Task statement
Search the records for the string "subcontext" and copy every line in which it appears.

-------

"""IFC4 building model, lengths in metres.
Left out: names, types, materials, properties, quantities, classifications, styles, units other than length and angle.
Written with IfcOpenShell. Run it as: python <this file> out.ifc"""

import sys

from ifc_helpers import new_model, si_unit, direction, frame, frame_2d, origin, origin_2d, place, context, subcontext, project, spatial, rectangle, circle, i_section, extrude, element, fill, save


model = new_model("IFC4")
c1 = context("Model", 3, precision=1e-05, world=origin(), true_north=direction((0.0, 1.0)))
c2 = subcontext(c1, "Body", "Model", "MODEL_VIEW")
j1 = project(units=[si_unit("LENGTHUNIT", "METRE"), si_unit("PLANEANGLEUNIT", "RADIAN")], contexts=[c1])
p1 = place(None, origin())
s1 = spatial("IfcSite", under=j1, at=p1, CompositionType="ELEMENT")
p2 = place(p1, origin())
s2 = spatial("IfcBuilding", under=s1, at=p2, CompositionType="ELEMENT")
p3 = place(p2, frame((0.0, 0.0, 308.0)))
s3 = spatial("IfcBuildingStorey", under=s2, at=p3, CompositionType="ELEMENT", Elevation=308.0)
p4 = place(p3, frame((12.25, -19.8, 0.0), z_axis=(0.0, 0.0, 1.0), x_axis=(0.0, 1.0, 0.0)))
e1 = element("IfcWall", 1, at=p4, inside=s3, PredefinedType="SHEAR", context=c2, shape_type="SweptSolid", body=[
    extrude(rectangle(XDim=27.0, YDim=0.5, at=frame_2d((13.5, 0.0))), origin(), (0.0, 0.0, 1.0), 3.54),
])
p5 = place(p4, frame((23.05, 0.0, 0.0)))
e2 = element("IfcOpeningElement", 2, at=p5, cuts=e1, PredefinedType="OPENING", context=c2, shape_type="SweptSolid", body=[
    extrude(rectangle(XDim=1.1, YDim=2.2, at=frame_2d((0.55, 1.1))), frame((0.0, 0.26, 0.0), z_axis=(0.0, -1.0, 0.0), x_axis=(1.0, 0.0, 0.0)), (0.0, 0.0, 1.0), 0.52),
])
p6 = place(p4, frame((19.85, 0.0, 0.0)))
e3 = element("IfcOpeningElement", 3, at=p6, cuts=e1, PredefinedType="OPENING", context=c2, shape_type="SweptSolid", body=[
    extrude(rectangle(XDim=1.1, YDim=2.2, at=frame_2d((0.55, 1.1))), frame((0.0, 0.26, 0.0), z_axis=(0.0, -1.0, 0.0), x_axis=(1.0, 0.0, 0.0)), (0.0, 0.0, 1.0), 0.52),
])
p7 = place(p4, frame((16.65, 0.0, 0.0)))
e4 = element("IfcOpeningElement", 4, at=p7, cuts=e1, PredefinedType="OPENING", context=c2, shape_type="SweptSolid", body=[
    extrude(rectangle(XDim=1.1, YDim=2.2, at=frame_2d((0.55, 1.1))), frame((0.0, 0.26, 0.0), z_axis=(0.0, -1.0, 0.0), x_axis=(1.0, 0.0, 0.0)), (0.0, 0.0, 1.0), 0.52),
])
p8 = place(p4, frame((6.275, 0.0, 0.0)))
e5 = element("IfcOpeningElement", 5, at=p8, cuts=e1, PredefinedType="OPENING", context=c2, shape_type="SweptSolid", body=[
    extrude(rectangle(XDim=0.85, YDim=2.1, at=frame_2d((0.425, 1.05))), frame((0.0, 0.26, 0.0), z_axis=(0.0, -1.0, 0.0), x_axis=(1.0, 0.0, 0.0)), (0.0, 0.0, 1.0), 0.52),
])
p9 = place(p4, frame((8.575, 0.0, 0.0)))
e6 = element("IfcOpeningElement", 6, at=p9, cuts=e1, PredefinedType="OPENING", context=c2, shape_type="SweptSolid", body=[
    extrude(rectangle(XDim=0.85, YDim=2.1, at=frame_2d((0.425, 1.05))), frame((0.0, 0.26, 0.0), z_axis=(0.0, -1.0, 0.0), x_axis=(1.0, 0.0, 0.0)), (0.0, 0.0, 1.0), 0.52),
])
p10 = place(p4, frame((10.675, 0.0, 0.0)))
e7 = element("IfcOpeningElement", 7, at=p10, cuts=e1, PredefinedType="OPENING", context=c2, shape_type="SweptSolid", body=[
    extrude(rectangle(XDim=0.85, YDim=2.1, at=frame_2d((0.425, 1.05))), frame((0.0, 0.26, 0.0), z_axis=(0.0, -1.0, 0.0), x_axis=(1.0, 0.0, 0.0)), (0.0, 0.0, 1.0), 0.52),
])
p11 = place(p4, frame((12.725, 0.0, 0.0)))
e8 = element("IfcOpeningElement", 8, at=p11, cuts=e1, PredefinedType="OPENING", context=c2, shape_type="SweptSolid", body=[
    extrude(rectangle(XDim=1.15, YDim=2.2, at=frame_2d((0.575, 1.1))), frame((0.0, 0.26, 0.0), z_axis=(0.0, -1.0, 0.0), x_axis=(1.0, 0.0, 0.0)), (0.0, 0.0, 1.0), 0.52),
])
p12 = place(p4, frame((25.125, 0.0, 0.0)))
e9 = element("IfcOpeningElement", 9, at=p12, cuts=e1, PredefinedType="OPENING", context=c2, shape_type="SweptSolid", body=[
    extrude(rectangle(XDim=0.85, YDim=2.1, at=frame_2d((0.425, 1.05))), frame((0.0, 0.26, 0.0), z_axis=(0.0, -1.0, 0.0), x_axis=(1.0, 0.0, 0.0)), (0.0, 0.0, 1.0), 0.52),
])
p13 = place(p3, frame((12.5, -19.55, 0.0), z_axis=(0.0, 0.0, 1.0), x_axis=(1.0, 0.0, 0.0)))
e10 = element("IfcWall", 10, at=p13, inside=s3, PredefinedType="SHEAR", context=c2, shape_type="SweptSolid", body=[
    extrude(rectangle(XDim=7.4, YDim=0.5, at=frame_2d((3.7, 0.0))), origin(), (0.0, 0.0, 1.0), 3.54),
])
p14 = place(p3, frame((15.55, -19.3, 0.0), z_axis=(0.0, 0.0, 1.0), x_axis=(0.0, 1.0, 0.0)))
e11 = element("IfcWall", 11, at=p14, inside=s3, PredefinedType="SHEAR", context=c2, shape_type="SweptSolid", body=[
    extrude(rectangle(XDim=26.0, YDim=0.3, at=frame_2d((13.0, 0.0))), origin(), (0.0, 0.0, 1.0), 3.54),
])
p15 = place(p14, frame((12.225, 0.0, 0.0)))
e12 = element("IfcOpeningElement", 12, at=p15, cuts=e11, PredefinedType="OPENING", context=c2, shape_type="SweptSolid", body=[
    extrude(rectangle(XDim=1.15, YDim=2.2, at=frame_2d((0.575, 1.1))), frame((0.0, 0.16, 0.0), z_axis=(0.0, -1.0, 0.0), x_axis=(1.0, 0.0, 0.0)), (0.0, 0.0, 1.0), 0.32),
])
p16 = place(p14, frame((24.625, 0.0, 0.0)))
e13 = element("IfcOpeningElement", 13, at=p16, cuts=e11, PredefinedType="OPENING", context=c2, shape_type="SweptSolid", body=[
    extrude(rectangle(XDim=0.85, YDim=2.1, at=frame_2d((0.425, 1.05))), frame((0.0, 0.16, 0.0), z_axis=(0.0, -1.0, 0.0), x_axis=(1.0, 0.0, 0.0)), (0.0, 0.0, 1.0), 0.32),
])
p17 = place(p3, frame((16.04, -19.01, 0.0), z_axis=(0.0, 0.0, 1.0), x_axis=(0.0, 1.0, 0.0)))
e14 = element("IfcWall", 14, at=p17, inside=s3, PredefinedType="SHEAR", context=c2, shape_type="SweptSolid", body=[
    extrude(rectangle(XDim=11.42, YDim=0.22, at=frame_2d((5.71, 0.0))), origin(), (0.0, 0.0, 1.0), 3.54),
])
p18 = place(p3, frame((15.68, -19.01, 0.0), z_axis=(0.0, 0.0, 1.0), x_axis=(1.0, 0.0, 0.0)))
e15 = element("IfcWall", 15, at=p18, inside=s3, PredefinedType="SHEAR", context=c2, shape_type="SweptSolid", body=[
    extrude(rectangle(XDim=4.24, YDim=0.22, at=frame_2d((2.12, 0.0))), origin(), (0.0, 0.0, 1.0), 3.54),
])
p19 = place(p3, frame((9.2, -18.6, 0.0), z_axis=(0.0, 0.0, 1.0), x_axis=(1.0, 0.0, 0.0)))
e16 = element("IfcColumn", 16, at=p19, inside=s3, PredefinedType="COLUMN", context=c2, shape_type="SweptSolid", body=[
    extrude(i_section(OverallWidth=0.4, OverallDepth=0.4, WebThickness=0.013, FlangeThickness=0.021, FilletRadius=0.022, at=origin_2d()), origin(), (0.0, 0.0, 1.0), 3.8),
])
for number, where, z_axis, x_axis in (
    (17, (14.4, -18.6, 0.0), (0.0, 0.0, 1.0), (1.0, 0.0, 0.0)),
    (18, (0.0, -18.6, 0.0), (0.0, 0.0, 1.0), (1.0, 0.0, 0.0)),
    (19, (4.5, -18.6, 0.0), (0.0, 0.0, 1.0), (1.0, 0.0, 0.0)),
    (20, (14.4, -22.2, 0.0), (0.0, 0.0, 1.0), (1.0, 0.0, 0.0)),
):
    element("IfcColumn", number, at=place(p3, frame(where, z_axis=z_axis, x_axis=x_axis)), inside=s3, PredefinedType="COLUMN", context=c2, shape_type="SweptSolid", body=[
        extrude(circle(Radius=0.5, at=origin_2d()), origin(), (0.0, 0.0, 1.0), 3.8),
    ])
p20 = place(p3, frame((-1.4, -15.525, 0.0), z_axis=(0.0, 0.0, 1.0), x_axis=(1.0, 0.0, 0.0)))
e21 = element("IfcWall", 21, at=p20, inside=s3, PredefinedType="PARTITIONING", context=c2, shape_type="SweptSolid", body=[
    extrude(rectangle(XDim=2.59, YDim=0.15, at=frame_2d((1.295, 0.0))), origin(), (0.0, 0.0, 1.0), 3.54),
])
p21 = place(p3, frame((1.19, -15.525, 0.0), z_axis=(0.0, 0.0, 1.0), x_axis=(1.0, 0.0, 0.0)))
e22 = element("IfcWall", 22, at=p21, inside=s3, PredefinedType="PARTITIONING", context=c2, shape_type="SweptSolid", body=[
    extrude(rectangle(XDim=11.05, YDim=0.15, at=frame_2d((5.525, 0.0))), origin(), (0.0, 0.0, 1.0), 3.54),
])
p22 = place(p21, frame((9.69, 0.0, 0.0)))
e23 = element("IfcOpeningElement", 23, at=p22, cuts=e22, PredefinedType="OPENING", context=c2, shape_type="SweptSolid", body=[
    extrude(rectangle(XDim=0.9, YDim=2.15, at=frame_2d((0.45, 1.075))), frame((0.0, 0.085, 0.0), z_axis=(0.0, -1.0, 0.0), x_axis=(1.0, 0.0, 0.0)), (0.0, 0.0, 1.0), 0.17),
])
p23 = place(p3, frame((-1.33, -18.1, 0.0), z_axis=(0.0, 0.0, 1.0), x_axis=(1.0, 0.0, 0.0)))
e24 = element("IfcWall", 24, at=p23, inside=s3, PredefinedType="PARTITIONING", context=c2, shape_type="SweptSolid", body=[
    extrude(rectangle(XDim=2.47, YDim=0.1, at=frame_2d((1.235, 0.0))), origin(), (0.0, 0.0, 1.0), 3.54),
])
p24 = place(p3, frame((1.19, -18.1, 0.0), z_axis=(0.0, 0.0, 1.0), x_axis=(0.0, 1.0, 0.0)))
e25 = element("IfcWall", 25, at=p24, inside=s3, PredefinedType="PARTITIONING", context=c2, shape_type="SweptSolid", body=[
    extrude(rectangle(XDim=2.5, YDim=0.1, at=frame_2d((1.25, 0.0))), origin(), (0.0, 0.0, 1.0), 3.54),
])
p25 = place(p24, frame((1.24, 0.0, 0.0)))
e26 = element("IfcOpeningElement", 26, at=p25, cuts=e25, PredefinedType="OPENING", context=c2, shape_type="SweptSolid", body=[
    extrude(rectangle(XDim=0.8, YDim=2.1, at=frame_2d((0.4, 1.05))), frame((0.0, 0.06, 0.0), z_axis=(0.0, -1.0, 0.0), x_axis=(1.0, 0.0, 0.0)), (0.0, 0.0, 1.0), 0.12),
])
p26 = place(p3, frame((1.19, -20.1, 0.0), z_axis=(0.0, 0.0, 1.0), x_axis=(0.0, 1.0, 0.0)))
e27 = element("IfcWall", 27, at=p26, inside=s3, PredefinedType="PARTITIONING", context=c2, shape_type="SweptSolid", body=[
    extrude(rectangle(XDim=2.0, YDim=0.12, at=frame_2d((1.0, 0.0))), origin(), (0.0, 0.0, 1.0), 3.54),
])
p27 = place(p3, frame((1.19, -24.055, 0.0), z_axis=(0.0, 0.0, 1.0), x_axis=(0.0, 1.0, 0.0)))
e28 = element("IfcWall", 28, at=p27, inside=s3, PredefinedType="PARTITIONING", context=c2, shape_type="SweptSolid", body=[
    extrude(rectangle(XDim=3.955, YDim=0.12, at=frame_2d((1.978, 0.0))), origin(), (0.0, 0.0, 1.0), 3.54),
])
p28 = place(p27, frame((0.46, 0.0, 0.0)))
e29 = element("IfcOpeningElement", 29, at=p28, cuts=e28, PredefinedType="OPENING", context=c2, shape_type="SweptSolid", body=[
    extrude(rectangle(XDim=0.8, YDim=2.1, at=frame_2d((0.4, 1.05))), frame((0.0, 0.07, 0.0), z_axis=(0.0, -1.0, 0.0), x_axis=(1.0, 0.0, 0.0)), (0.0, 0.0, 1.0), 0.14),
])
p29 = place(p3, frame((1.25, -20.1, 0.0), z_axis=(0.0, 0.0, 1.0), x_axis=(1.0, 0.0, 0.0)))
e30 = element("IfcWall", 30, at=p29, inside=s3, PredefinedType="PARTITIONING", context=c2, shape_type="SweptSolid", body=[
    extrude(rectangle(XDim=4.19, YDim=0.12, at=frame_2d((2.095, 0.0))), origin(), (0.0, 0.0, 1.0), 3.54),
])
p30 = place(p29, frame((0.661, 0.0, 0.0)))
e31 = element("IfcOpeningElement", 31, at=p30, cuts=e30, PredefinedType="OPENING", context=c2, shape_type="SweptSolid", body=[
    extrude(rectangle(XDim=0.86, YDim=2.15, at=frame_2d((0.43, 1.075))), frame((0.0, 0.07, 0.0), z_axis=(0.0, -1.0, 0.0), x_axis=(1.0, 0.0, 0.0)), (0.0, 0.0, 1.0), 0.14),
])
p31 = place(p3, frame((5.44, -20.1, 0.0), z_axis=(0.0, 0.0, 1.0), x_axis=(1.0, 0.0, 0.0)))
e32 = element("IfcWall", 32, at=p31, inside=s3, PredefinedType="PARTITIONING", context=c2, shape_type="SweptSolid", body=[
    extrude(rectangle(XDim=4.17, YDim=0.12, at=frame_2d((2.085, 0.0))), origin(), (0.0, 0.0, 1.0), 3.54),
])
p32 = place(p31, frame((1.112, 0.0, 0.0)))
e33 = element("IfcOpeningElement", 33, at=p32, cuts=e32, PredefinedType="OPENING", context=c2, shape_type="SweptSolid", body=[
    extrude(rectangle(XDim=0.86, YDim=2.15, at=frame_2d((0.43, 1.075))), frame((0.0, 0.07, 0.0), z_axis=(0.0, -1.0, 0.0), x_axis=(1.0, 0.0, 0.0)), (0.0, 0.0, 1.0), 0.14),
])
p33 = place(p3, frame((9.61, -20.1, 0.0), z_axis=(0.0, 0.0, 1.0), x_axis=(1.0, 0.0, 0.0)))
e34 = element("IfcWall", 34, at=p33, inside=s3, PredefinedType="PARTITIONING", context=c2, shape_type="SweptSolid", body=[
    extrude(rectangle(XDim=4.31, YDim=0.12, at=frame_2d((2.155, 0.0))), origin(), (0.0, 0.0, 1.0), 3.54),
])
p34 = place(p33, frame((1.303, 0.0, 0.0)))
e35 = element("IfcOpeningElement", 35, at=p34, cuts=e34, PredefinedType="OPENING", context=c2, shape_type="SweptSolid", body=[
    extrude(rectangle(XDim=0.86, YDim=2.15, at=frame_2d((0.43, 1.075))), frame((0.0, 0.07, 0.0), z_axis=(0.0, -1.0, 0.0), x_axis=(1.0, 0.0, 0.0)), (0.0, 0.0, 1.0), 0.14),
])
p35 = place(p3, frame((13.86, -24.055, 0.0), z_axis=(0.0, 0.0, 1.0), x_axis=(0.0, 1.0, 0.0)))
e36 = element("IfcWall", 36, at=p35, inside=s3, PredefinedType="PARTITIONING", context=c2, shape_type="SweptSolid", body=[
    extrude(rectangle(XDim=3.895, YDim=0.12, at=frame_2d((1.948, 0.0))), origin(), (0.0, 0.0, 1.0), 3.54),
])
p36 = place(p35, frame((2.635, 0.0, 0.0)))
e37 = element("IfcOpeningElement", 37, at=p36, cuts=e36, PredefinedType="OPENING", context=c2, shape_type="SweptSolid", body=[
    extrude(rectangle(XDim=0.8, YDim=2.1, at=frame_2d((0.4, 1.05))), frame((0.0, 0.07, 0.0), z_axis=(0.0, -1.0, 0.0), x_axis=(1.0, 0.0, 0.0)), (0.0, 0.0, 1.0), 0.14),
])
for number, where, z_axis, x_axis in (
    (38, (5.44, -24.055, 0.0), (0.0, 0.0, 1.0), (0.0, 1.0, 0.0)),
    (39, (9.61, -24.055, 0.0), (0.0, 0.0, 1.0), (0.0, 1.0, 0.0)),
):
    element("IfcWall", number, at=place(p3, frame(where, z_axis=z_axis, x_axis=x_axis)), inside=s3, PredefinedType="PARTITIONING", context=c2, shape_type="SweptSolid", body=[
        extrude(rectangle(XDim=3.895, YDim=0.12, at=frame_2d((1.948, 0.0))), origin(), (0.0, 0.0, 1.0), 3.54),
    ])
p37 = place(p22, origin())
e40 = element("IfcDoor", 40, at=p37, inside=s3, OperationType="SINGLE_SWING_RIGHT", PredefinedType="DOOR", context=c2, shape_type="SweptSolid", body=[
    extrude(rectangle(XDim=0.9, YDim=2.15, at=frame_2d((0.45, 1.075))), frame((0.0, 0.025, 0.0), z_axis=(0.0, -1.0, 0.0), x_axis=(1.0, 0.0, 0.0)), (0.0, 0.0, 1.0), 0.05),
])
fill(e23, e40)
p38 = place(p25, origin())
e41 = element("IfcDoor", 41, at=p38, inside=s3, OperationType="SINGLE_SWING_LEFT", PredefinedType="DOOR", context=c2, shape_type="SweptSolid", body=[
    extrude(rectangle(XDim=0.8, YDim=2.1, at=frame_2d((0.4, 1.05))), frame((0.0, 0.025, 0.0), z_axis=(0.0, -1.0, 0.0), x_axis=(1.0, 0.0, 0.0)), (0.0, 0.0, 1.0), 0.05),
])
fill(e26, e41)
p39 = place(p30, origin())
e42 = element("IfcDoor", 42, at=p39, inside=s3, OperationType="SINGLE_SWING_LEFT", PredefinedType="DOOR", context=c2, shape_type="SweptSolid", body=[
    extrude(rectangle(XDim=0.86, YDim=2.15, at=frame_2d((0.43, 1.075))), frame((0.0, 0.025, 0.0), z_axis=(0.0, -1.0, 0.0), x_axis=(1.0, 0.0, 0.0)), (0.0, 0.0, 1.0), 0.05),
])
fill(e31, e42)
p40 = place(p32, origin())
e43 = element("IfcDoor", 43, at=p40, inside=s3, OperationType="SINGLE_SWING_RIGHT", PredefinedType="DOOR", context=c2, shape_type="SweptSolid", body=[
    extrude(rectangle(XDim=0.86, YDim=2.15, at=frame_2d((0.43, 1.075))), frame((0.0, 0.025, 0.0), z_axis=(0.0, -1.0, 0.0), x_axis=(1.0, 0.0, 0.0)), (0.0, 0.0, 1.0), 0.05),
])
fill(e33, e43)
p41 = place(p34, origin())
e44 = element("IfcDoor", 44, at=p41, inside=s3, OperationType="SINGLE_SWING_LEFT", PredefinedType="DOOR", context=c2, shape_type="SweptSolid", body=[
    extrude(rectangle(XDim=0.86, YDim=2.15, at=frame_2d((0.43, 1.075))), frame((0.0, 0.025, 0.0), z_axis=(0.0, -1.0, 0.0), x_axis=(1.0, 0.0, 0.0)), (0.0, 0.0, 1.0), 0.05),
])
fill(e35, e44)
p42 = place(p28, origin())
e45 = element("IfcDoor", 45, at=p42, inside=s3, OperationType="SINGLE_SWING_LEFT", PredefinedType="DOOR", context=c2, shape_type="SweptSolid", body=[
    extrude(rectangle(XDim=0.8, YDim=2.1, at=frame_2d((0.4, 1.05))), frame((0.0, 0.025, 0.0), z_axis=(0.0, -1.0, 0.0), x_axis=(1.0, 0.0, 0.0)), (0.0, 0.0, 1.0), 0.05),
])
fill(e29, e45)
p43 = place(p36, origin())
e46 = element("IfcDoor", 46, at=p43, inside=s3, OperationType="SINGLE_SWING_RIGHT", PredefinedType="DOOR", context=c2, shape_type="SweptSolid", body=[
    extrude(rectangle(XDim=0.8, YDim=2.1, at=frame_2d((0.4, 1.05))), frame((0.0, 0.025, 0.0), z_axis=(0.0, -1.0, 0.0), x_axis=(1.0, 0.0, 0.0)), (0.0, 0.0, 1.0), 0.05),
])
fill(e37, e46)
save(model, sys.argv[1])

-------

Finished exercise
from ifc_helpers import new_model, si_unit, direction, frame, frame_2d, origin, origin_2d, place, context, subcontext, project, spatial, rectangle, circle, i_section, extrude, element, fill, save
c2 = subcontext(c1, "Body", "Model", "MODEL_VIEW")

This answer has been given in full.